- **Exercise requirements**
Omit the images, then output each of the records below exactly.
BEGIN Material for this task
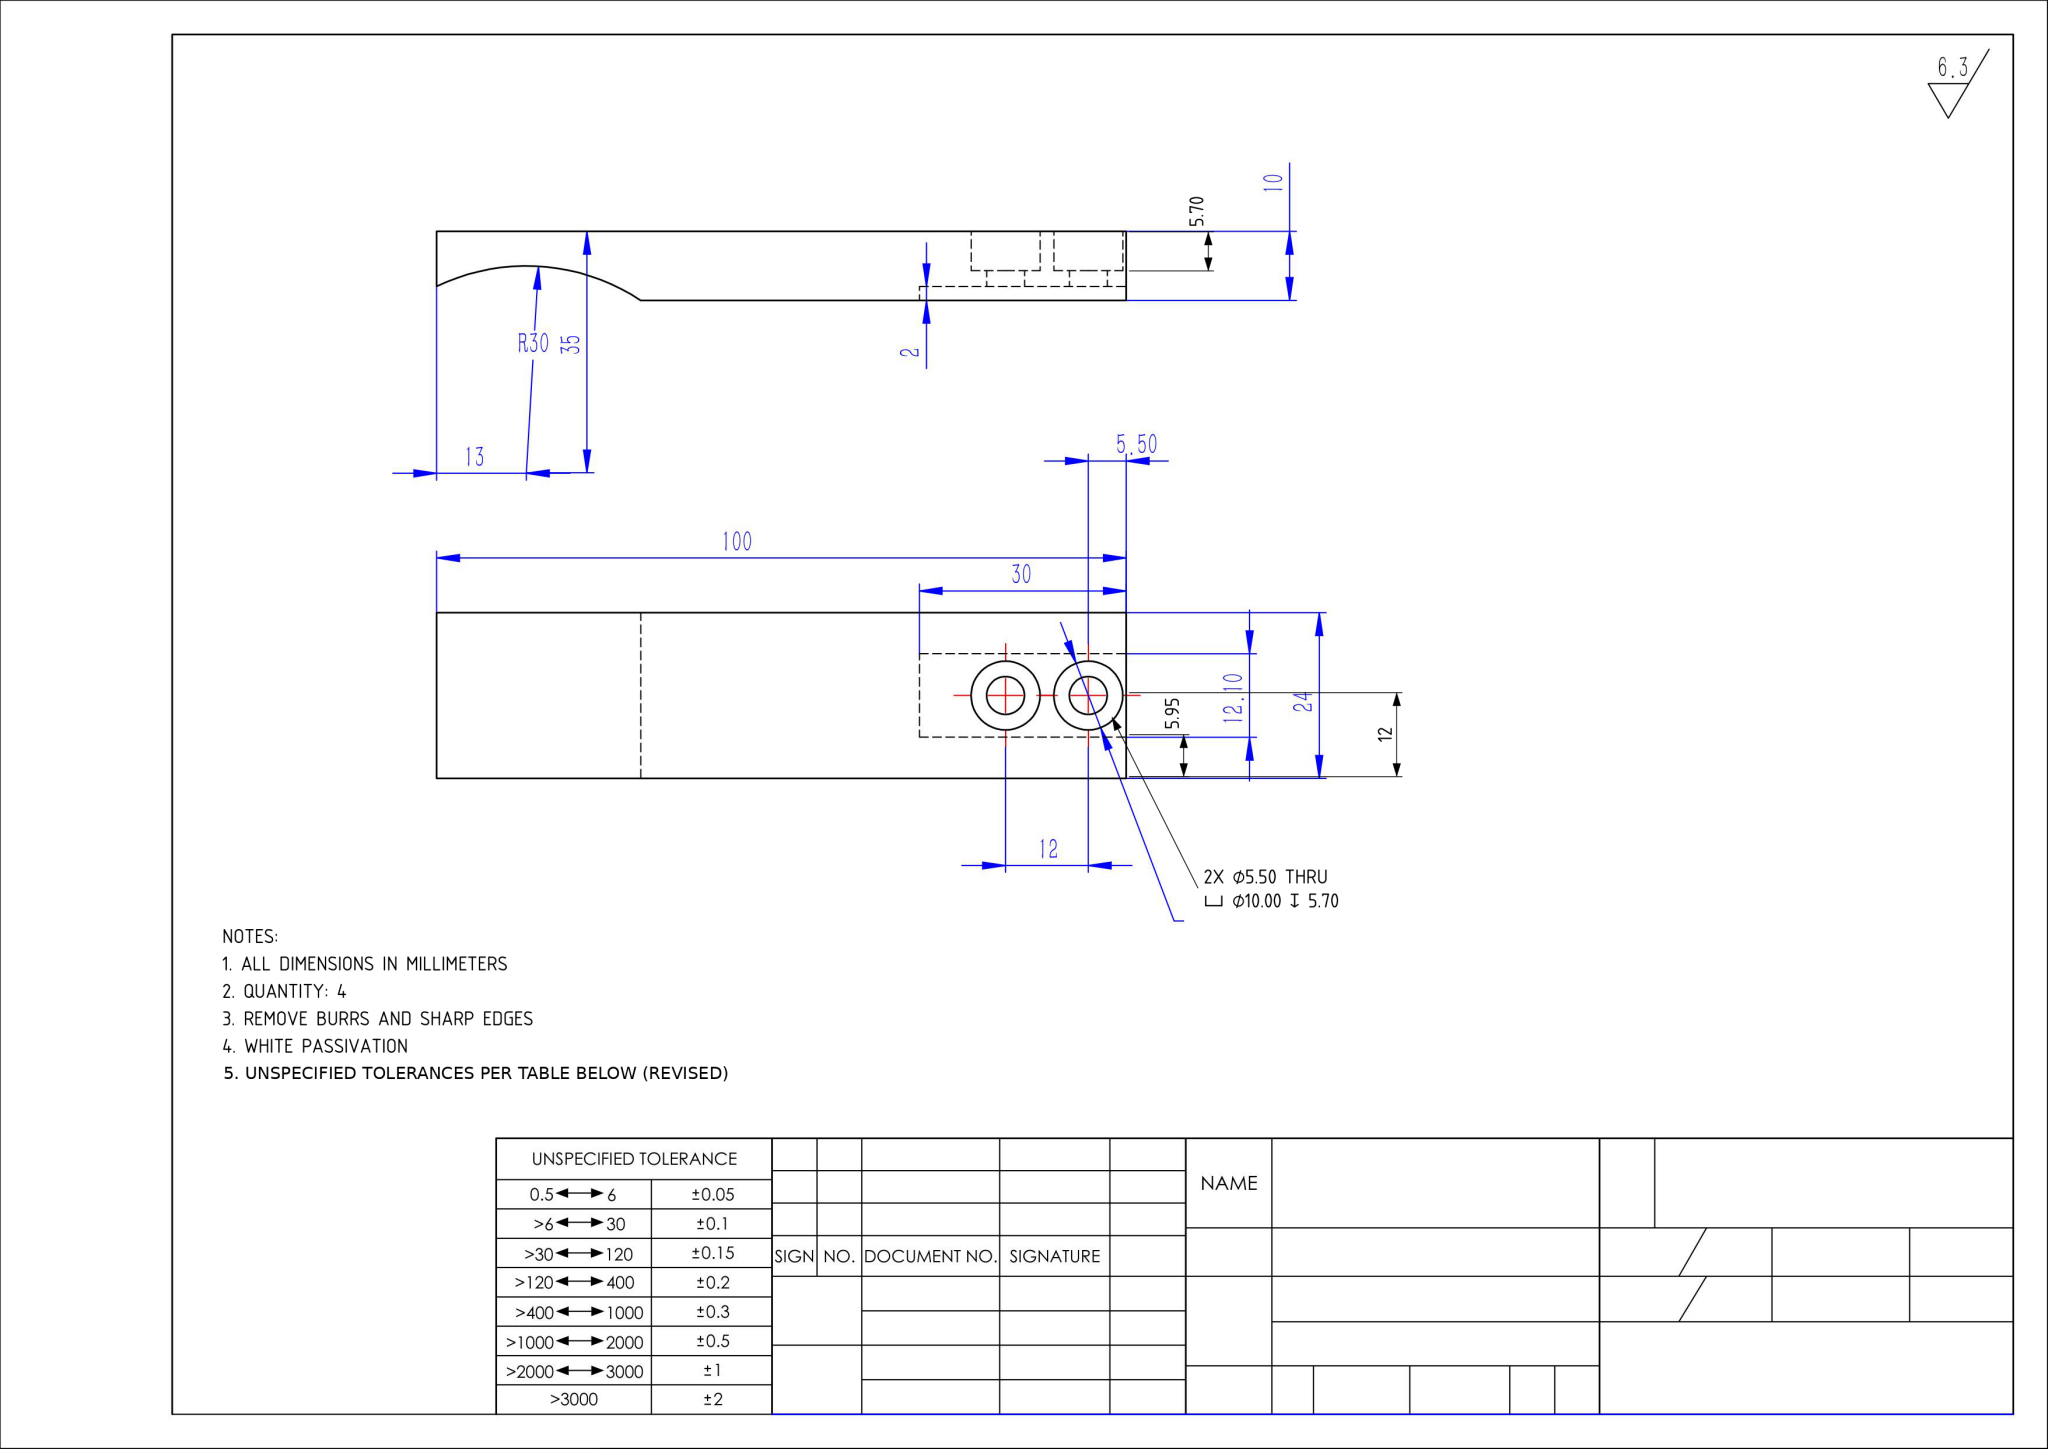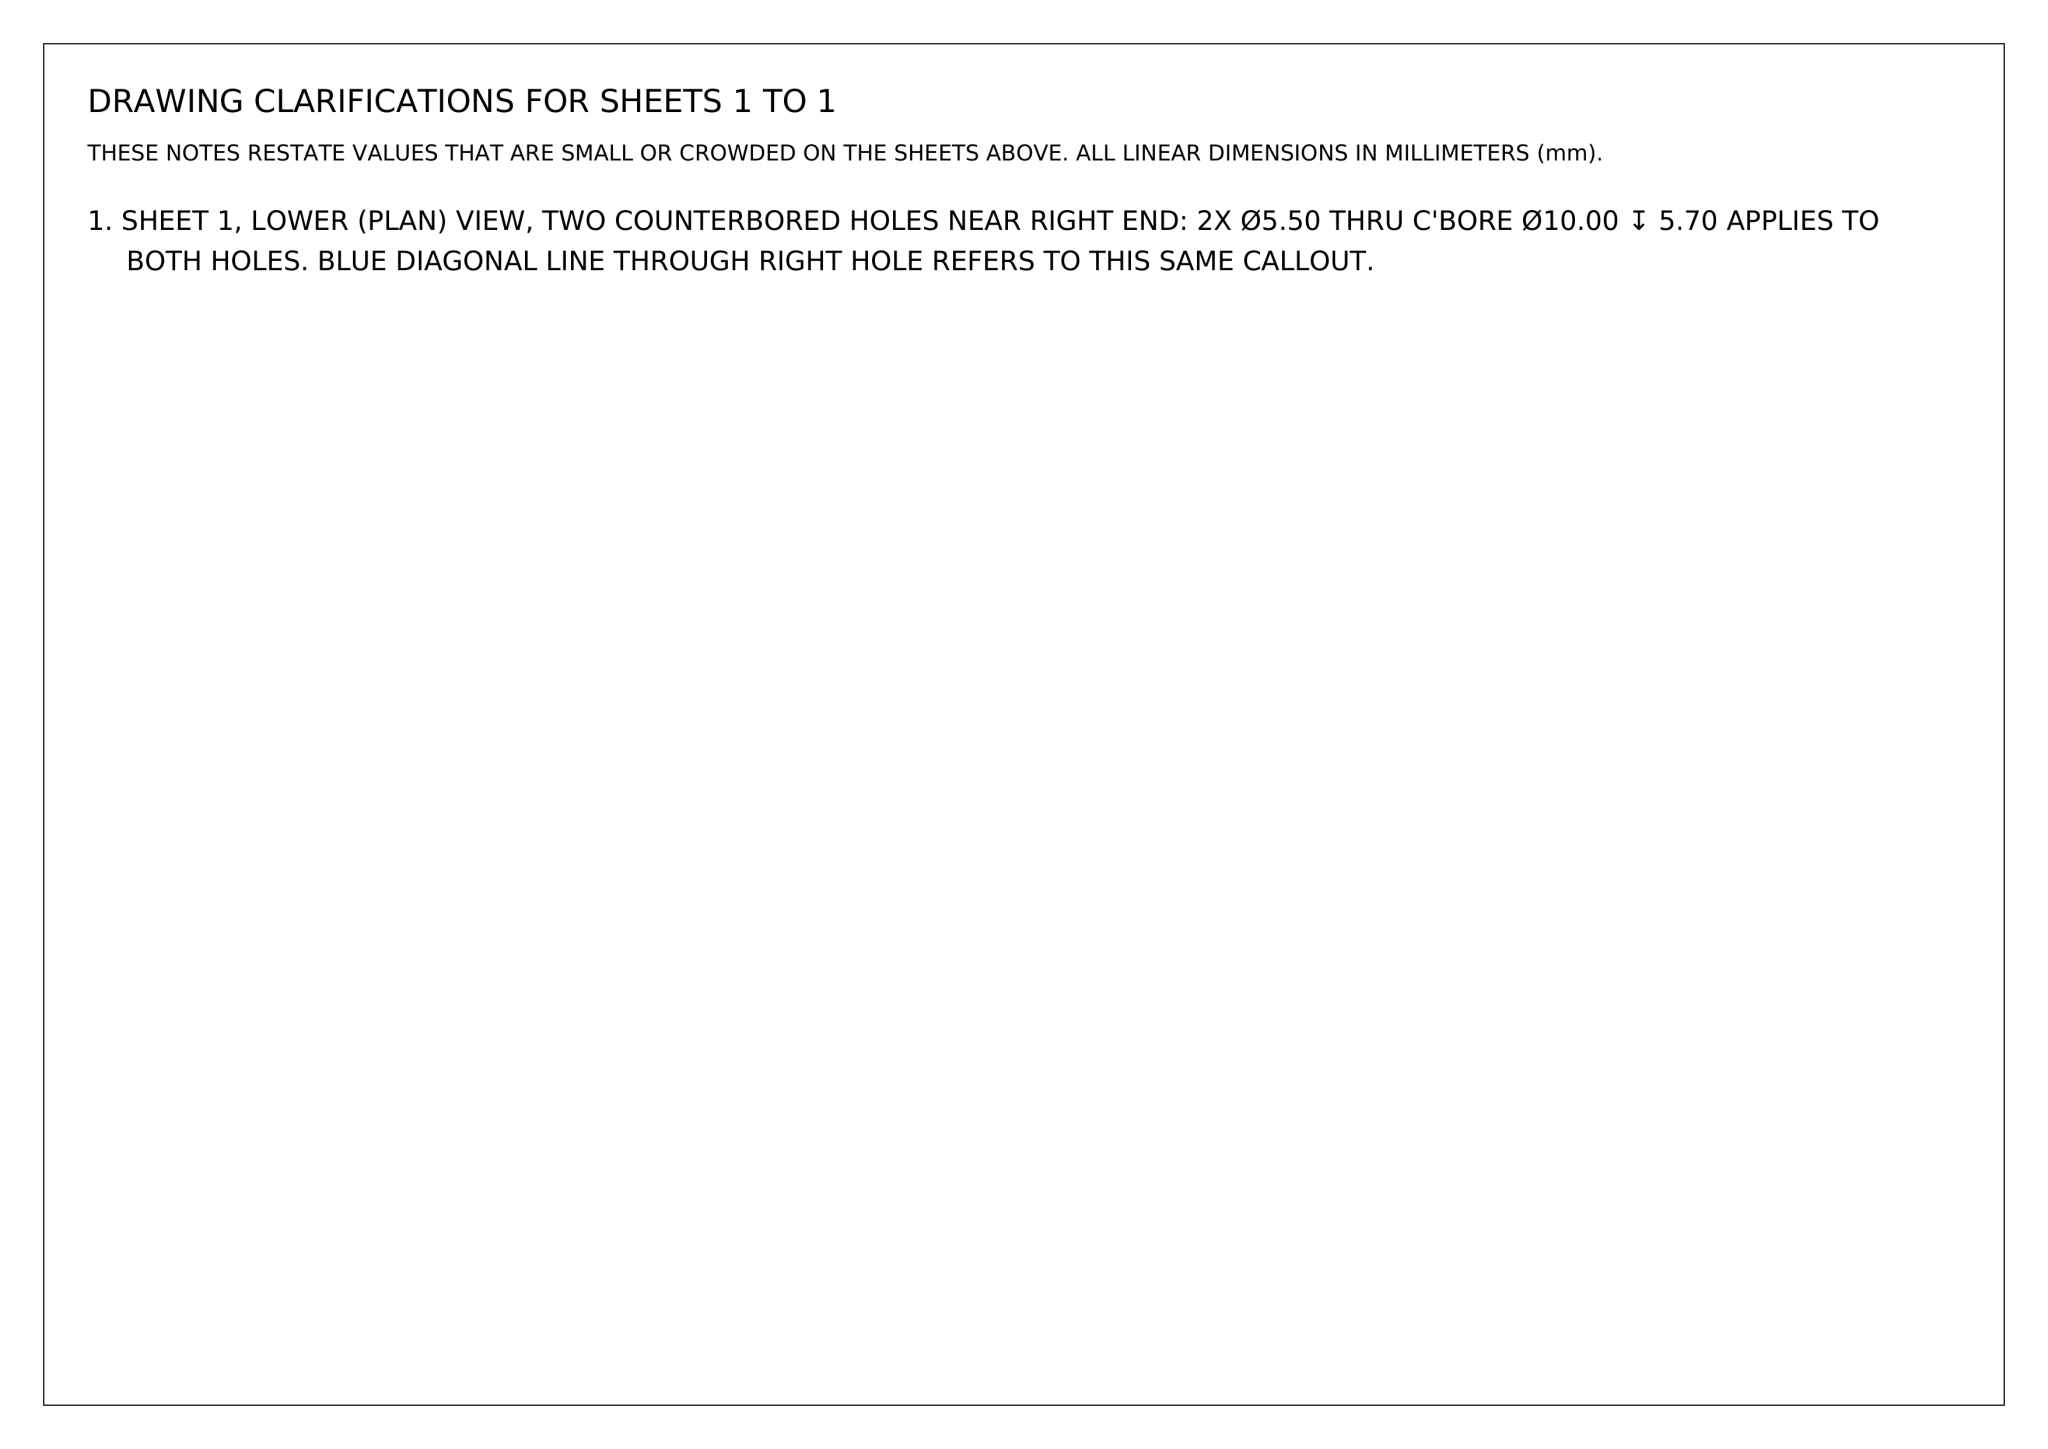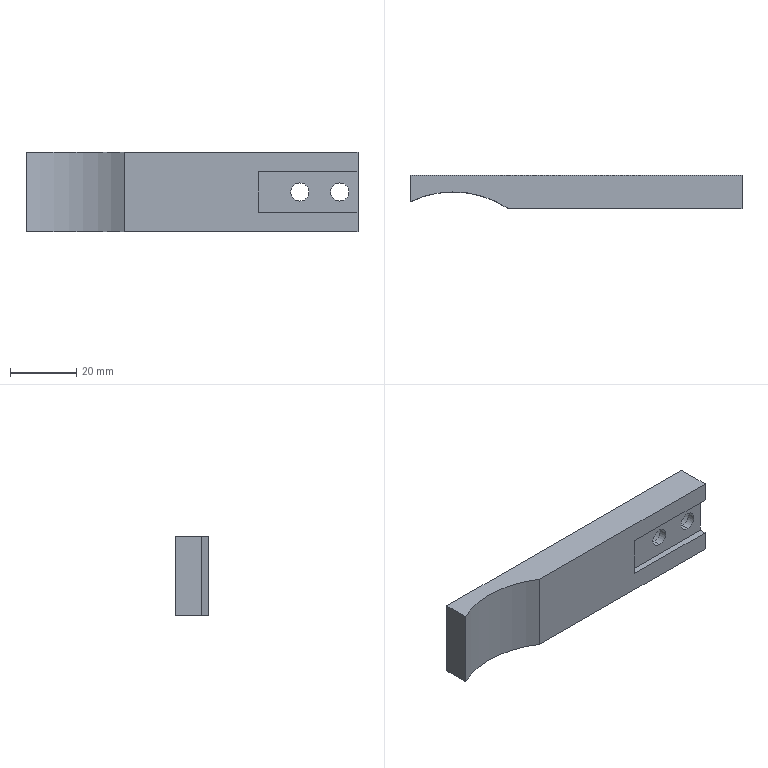Part | NX | mm | Curved End Dual-Bore Mounting Bar | 1 solid | 21 faces | box 100 x 10 x 24 mm | volume 19661 mm3 | plane 12 | cylinder 9 | commonest cylinder face diameters 10 x4 5.5 x4 60 x1
STEP:
#1=COLOUR_RGB('',0.6471,0.5176,0.);
#2=FILL_AREA_STYLE_COLOUR('',#1);
#3=FILL_AREA_STYLE('',(#2));
#4=SURFACE_STYLE_FILL_AREA(#3);
#5=SURFACE_SIDE_STYLE('',(#4));
#6=SURFACE_STYLE_USAGE(.BOTH.,#5);
#7=PRESENTATION_STYLE_ASSIGNMENT((#6));
#8=CARTESIAN_POINT('',(32.5,4.3,-5.));
#9=VERTEX_POINT('',#8);
#10=CARTESIAN_POINT('',(32.5,4.3,5.));
#11=VERTEX_POINT('',#10);
#12=CARTESIAN_POINT('',(32.5,4.3,0.));
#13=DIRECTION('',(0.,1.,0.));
END Material for this task
- **Response to the exercise**
Part | NX | mm | Curved End Dual-Bore Mounting Bar | 1 solid | 21 faces | box 100 x 10 x 24 mm | volume 19661 mm3 | plane 12 | cylinder 9 | commonest cylinder face diameters 10 x4 5.5 x4 60 x1
STEP:
#1=COLOUR_RGB('',0.6471,0.5176,0.);
#2=FILL_AREA_STYLE_COLOUR('',#1);
#3=FILL_AREA_STYLE('',(#2));
#4=SURFACE_STYLE_FILL_AREA(#3);
#5=SURFACE_SIDE_STYLE('',(#4));
#6=SURFACE_STYLE_USAGE(.BOTH.,#5);
#7=PRESENTATION_STYLE_ASSIGNMENT((#6));
#8=CARTESIAN_POINT('',(32.5,4.3,-5.));
#9=VERTEX_POINT('',#8);
#10=CARTESIAN_POINT('',(32.5,4.3,5.));
#11=VERTEX_POINT('',#10);
#12=CARTESIAN_POINT('',(32.5,4.3,0.));
#13=DIRECTION('',(0.,1.,0.));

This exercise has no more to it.